_Extracted data_.

================================

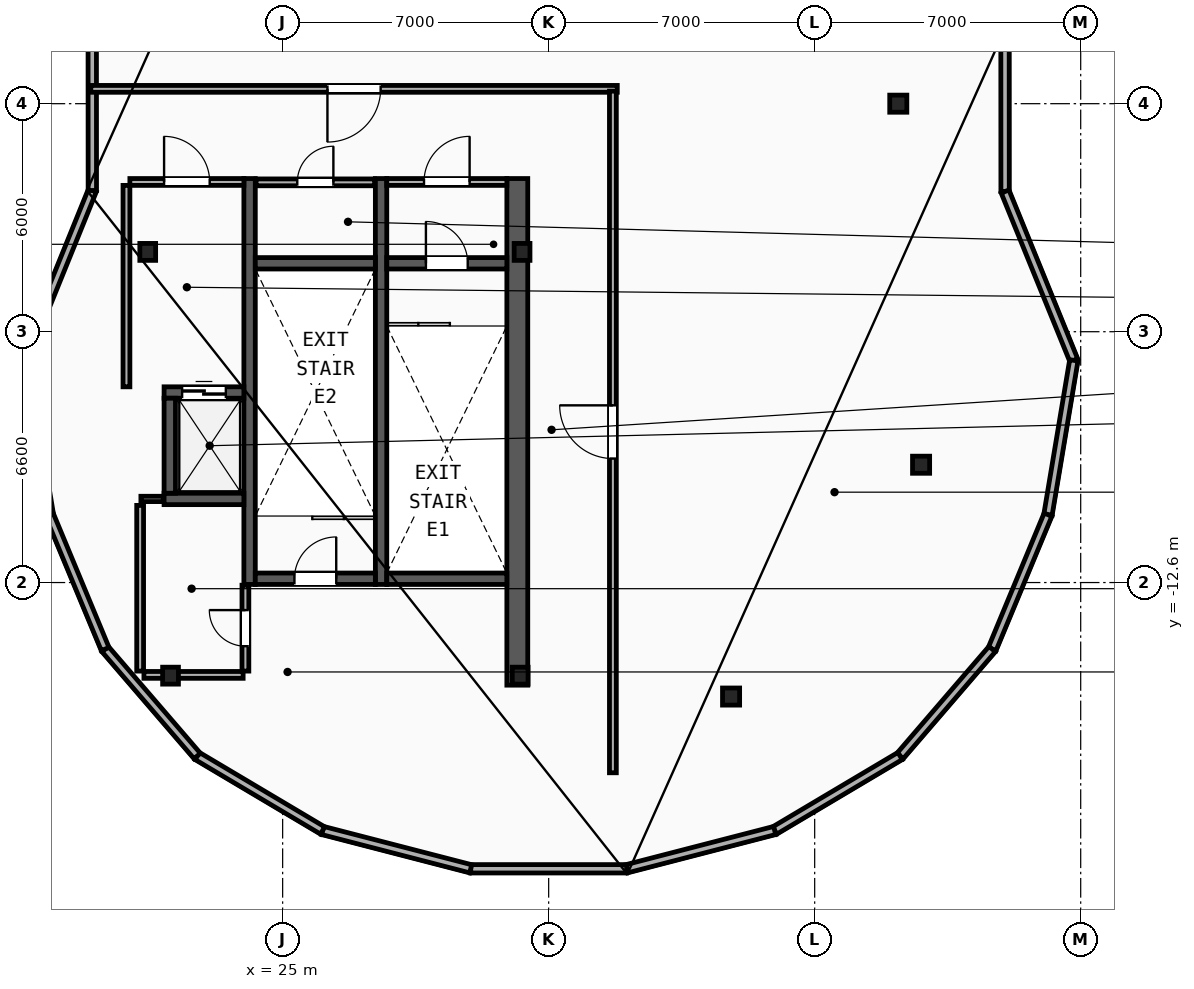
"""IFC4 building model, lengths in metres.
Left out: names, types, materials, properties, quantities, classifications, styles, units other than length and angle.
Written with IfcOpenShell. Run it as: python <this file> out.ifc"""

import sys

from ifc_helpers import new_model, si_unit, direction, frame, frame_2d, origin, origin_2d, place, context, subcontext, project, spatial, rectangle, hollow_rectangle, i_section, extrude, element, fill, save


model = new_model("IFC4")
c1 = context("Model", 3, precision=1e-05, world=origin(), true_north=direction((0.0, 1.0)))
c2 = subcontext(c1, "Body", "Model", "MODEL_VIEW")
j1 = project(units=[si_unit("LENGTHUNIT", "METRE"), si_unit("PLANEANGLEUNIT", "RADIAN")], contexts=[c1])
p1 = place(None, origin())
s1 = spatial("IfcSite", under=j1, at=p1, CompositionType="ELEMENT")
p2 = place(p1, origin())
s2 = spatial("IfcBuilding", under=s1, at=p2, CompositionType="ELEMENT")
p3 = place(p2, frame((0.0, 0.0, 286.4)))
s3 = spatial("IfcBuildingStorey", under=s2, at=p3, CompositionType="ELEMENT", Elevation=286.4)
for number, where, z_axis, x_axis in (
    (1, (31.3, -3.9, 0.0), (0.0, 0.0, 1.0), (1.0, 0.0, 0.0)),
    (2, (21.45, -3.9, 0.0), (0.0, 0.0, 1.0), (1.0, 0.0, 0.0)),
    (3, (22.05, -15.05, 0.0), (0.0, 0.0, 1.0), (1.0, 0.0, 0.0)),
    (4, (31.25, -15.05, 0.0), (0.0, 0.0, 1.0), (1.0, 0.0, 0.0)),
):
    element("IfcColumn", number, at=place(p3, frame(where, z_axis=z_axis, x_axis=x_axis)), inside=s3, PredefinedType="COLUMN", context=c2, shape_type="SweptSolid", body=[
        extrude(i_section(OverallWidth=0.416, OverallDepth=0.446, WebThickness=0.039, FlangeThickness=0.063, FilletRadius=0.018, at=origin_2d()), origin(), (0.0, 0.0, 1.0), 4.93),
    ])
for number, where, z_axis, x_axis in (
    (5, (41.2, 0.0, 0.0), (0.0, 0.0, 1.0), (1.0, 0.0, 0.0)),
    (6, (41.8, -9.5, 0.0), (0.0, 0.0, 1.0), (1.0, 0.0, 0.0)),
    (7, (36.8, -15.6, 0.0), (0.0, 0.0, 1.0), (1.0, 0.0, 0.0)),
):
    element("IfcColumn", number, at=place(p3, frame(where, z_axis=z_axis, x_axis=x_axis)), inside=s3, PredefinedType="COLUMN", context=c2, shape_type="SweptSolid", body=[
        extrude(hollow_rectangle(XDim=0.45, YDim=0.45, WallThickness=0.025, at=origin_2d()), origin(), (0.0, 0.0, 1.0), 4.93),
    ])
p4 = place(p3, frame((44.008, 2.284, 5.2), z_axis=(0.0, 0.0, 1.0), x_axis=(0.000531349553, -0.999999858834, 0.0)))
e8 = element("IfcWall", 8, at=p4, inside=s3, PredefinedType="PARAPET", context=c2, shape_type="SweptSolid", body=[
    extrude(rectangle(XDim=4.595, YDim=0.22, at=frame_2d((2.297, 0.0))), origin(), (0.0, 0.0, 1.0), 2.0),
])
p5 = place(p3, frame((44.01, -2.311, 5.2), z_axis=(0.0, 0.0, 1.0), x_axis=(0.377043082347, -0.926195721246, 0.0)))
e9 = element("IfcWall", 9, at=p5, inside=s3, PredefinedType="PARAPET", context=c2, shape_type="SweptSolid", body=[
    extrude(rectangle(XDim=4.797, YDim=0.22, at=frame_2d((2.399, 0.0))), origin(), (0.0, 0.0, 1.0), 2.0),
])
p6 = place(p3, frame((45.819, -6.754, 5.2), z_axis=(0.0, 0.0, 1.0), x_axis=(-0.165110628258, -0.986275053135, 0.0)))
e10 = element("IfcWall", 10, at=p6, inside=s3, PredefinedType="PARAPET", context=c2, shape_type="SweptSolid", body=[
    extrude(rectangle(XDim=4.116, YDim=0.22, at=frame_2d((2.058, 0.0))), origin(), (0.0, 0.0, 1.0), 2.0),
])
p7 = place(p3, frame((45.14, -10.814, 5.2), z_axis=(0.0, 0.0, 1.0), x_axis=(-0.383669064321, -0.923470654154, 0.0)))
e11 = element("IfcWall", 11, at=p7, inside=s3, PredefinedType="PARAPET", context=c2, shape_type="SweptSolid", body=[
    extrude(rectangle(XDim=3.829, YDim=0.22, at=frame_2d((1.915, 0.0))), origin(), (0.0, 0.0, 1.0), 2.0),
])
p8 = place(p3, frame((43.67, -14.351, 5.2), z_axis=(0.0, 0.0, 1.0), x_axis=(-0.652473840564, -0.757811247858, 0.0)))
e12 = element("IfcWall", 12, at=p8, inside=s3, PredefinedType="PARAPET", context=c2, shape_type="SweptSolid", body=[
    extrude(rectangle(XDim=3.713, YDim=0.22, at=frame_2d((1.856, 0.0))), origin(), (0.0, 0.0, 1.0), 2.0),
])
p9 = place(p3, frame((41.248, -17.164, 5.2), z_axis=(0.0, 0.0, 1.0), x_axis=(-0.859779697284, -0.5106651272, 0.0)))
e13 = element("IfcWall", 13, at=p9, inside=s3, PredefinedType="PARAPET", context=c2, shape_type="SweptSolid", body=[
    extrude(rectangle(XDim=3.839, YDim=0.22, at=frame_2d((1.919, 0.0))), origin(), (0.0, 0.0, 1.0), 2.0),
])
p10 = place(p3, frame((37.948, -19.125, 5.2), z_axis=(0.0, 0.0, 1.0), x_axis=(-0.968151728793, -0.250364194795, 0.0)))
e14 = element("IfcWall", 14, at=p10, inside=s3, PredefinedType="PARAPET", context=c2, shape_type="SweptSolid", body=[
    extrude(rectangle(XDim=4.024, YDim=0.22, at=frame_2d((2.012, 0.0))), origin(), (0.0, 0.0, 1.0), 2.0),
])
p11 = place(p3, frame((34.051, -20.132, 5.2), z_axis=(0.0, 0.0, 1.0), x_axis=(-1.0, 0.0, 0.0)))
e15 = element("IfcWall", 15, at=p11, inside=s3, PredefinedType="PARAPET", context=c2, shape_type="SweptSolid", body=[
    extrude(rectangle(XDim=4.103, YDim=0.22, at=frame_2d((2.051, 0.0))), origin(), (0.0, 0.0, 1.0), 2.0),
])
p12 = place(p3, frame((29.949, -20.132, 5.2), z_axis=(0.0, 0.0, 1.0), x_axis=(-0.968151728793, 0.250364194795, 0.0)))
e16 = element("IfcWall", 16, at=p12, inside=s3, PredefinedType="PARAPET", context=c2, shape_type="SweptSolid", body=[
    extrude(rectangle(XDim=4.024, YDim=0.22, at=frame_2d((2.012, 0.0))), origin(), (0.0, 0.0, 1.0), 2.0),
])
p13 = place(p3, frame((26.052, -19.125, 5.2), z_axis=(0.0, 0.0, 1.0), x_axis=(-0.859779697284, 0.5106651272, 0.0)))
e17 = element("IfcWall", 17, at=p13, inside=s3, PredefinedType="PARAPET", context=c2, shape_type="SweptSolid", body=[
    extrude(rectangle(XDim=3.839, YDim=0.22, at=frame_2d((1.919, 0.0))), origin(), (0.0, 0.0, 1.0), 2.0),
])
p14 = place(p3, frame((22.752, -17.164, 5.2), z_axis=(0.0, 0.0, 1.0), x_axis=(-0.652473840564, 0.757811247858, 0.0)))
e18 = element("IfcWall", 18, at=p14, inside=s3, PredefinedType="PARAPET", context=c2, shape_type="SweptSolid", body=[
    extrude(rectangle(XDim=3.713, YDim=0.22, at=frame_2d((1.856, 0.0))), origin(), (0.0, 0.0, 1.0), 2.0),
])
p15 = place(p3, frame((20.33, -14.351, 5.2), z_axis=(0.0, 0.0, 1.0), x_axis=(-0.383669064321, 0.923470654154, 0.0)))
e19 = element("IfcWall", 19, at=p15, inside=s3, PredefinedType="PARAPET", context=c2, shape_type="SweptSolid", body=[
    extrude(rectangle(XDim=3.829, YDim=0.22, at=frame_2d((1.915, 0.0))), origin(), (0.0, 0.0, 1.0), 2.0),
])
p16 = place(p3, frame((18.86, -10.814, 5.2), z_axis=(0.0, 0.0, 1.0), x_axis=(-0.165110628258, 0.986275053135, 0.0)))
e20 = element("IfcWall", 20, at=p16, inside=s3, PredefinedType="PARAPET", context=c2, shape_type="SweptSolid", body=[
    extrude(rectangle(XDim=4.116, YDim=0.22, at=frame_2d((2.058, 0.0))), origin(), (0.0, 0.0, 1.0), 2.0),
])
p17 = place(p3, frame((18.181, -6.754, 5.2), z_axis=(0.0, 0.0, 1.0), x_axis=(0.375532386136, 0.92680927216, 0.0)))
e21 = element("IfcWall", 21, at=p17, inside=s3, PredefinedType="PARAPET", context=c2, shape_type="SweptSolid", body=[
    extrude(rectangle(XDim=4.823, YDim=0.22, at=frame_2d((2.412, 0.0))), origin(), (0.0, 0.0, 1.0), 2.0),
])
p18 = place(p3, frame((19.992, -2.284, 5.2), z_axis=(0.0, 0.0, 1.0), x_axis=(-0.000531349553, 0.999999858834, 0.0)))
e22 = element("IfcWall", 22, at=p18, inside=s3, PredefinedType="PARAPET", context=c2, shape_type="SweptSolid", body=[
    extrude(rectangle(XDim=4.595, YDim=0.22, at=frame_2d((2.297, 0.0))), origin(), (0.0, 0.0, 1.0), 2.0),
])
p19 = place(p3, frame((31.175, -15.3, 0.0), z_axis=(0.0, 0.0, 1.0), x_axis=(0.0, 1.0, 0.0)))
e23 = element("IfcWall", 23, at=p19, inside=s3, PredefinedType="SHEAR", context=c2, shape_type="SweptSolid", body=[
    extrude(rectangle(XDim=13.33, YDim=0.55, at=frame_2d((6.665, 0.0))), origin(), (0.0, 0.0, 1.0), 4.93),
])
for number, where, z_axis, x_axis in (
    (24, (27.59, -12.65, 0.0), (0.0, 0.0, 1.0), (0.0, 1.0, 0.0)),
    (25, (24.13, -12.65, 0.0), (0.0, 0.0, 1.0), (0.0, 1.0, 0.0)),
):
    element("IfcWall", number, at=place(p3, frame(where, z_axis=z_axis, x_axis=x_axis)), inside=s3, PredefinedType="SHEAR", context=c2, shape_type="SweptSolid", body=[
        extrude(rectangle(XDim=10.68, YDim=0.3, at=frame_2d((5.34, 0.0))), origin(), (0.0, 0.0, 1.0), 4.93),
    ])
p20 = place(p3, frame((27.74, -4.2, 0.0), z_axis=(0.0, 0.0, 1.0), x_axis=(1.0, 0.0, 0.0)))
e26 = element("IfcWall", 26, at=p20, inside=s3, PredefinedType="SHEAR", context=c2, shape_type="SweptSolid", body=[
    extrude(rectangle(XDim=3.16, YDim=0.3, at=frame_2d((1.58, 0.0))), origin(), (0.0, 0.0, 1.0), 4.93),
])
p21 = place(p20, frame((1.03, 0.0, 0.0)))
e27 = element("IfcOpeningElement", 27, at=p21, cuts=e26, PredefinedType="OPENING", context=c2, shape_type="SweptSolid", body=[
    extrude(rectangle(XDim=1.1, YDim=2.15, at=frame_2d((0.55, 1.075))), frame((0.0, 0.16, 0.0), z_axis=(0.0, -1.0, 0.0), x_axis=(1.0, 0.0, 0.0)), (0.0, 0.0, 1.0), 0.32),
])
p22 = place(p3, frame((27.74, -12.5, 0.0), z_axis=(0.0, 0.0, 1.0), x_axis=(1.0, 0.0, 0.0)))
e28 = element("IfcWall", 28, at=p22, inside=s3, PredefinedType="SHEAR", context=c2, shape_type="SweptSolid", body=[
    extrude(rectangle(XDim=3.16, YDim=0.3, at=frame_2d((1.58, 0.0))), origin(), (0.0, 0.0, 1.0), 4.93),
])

================================

_Exercise requirements_. Reading through the preceding records, tally each line that holds the word "subcontext" and give the tally by itself.

_Exercise response_. 2